### REQUIRED ACTION
Give back the whole listing verbatim, printing none of its pictures.

### EXERCISE MATERIAL
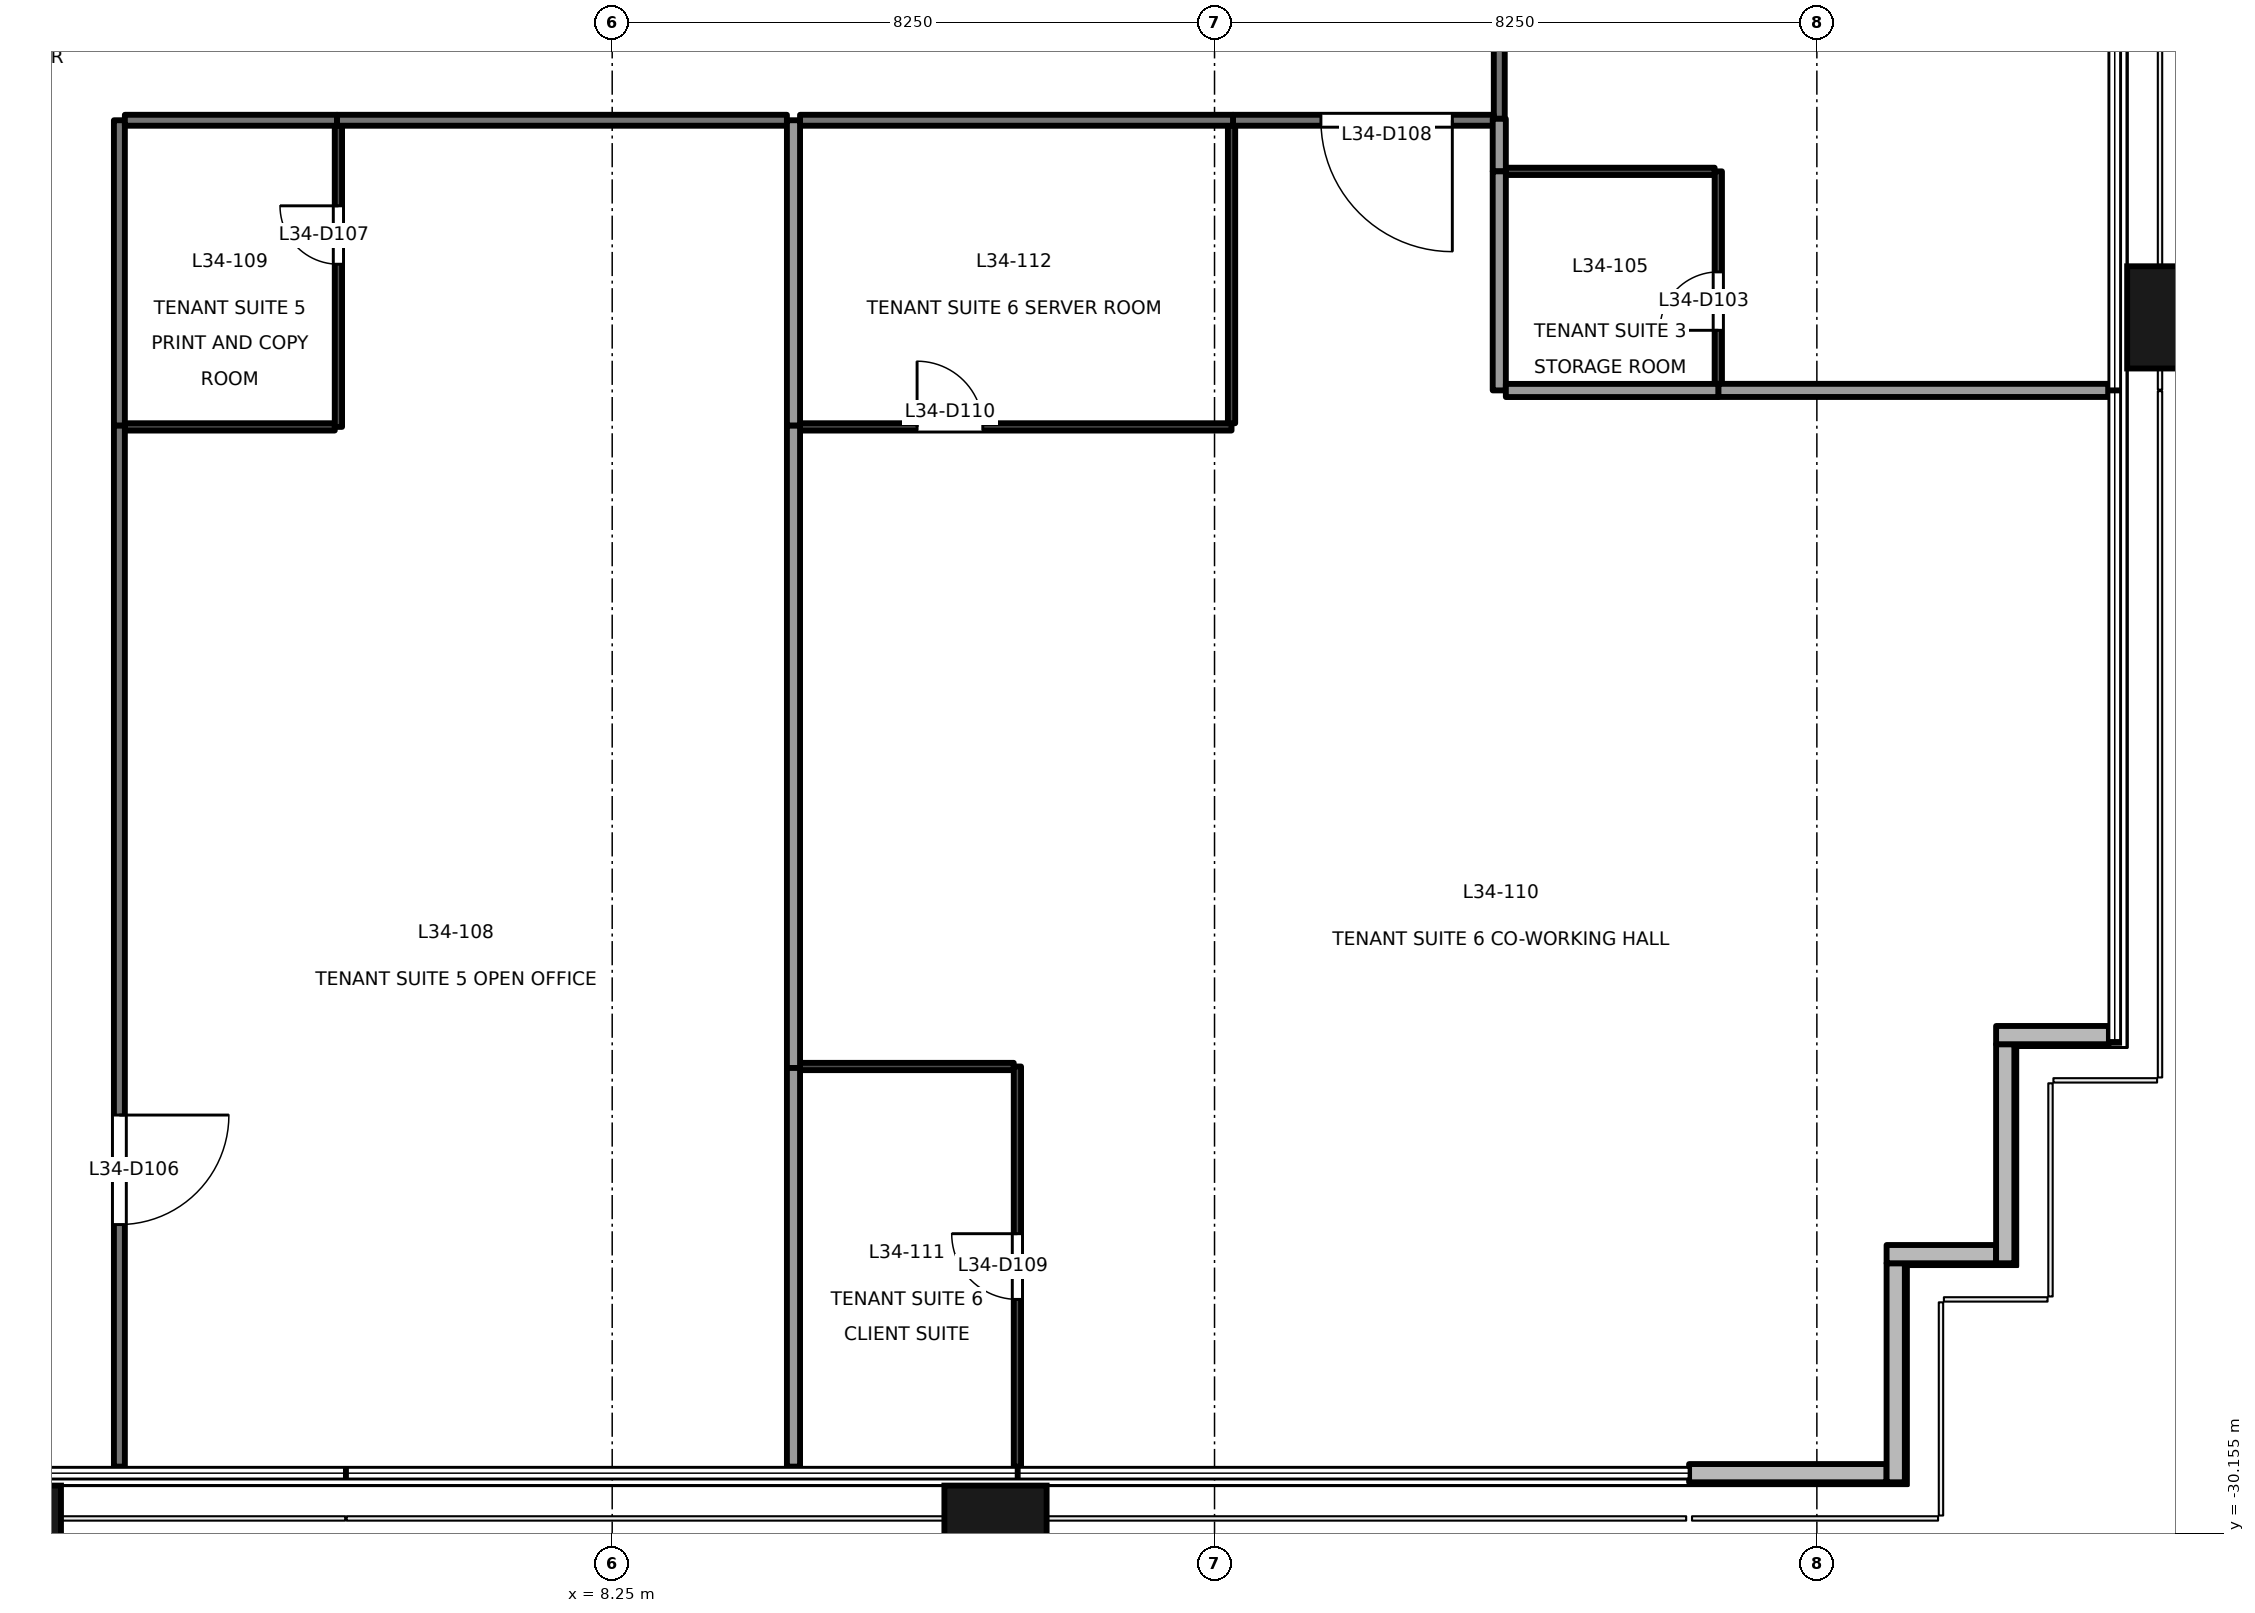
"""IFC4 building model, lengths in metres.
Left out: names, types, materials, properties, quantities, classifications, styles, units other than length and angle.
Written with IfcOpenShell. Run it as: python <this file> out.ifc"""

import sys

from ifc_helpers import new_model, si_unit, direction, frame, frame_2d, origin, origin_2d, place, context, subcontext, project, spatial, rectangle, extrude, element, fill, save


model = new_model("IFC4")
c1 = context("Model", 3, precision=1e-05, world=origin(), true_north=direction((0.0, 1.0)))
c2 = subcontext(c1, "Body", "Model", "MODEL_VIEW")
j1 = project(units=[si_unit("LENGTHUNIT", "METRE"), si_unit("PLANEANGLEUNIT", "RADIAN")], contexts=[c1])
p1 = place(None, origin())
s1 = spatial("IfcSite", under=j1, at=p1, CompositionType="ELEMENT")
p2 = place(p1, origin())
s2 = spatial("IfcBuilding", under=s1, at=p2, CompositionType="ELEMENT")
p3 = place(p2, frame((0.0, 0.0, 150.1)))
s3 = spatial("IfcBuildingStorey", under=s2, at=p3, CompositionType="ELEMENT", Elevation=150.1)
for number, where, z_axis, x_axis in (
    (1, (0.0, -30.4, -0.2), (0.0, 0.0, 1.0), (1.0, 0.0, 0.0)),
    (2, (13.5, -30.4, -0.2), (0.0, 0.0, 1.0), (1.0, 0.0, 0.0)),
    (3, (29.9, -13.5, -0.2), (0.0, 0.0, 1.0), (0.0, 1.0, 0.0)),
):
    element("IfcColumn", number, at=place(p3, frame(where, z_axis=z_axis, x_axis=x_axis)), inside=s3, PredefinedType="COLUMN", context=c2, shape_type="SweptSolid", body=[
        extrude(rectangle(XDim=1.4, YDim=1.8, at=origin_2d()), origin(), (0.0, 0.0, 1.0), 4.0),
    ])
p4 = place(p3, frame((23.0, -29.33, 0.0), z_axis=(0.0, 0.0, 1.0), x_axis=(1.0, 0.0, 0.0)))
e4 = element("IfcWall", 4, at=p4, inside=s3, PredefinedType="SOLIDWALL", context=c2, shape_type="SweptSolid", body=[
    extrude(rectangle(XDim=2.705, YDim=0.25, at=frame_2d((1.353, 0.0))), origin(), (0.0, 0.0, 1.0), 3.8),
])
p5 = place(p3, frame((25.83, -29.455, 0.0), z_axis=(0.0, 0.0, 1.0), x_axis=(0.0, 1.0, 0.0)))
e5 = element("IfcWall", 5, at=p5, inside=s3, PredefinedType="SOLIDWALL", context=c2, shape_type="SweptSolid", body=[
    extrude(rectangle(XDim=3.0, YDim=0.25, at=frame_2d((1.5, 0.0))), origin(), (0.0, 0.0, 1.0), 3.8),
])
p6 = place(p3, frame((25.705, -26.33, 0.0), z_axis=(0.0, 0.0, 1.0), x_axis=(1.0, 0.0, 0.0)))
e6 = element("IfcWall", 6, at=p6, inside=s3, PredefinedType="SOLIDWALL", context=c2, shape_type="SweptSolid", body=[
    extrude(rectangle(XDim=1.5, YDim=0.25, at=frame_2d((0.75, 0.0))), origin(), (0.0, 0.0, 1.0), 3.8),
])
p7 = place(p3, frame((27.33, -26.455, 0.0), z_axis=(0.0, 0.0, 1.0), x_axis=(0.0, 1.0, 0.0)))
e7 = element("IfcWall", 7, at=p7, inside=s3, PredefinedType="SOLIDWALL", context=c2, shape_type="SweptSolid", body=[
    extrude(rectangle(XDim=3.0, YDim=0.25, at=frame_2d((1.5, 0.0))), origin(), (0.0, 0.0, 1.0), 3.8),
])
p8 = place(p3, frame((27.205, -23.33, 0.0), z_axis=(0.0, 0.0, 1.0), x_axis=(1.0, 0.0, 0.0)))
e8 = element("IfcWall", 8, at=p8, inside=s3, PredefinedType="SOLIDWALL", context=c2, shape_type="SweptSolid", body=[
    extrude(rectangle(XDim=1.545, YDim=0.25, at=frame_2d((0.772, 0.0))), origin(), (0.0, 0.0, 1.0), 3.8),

### TASK OUTPUT
"""IFC4 building model, lengths in metres.
Left out: names, types, materials, properties, quantities, classifications, styles, units other than length and angle.
Written with IfcOpenShell. Run it as: python <this file> out.ifc"""

import sys

from ifc_helpers import new_model, si_unit, direction, frame, frame_2d, origin, origin_2d, place, context, subcontext, project, spatial, rectangle, extrude, element, fill, save


model = new_model("IFC4")
c1 = context("Model", 3, precision=1e-05, world=origin(), true_north=direction((0.0, 1.0)))
c2 = subcontext(c1, "Body", "Model", "MODEL_VIEW")
j1 = project(units=[si_unit("LENGTHUNIT", "METRE"), si_unit("PLANEANGLEUNIT", "RADIAN")], contexts=[c1])
p1 = place(None, origin())
s1 = spatial("IfcSite", under=j1, at=p1, CompositionType="ELEMENT")
p2 = place(p1, origin())
s2 = spatial("IfcBuilding", under=s1, at=p2, CompositionType="ELEMENT")
p3 = place(p2, frame((0.0, 0.0, 150.1)))
s3 = spatial("IfcBuildingStorey", under=s2, at=p3, CompositionType="ELEMENT", Elevation=150.1)
for number, where, z_axis, x_axis in (
    (1, (0.0, -30.4, -0.2), (0.0, 0.0, 1.0), (1.0, 0.0, 0.0)),
    (2, (13.5, -30.4, -0.2), (0.0, 0.0, 1.0), (1.0, 0.0, 0.0)),
    (3, (29.9, -13.5, -0.2), (0.0, 0.0, 1.0), (0.0, 1.0, 0.0)),
):
    element("IfcColumn", number, at=place(p3, frame(where, z_axis=z_axis, x_axis=x_axis)), inside=s3, PredefinedType="COLUMN", context=c2, shape_type="SweptSolid", body=[
        extrude(rectangle(XDim=1.4, YDim=1.8, at=origin_2d()), origin(), (0.0, 0.0, 1.0), 4.0),
    ])
p4 = place(p3, frame((23.0, -29.33, 0.0), z_axis=(0.0, 0.0, 1.0), x_axis=(1.0, 0.0, 0.0)))
e4 = element("IfcWall", 4, at=p4, inside=s3, PredefinedType="SOLIDWALL", context=c2, shape_type="SweptSolid", body=[
    extrude(rectangle(XDim=2.705, YDim=0.25, at=frame_2d((1.353, 0.0))), origin(), (0.0, 0.0, 1.0), 3.8),
])
p5 = place(p3, frame((25.83, -29.455, 0.0), z_axis=(0.0, 0.0, 1.0), x_axis=(0.0, 1.0, 0.0)))
e5 = element("IfcWall", 5, at=p5, inside=s3, PredefinedType="SOLIDWALL", context=c2, shape_type="SweptSolid", body=[
    extrude(rectangle(XDim=3.0, YDim=0.25, at=frame_2d((1.5, 0.0))), origin(), (0.0, 0.0, 1.0), 3.8),
])
p6 = place(p3, frame((25.705, -26.33, 0.0), z_axis=(0.0, 0.0, 1.0), x_axis=(1.0, 0.0, 0.0)))
e6 = element("IfcWall", 6, at=p6, inside=s3, PredefinedType="SOLIDWALL", context=c2, shape_type="SweptSolid", body=[
    extrude(rectangle(XDim=1.5, YDim=0.25, at=frame_2d((0.75, 0.0))), origin(), (0.0, 0.0, 1.0), 3.8),
])
p7 = place(p3, frame((27.33, -26.455, 0.0), z_axis=(0.0, 0.0, 1.0), x_axis=(0.0, 1.0, 0.0)))
e7 = element("IfcWall", 7, at=p7, inside=s3, PredefinedType="SOLIDWALL", context=c2, shape_type="SweptSolid", body=[
    extrude(rectangle(XDim=3.0, YDim=0.25, at=frame_2d((1.5, 0.0))), origin(), (0.0, 0.0, 1.0), 3.8),
])
p8 = place(p3, frame((27.205, -23.33, 0.0), z_axis=(0.0, 0.0, 1.0), x_axis=(1.0, 0.0, 0.0)))
e8 = element("IfcWall", 8, at=p8, inside=s3, PredefinedType="SOLIDWALL", context=c2, shape_type="SweptSolid", body=[
    extrude(rectangle(XDim=1.545, YDim=0.25, at=frame_2d((0.772, 0.0))), origin(), (0.0, 0.0, 1.0), 3.8),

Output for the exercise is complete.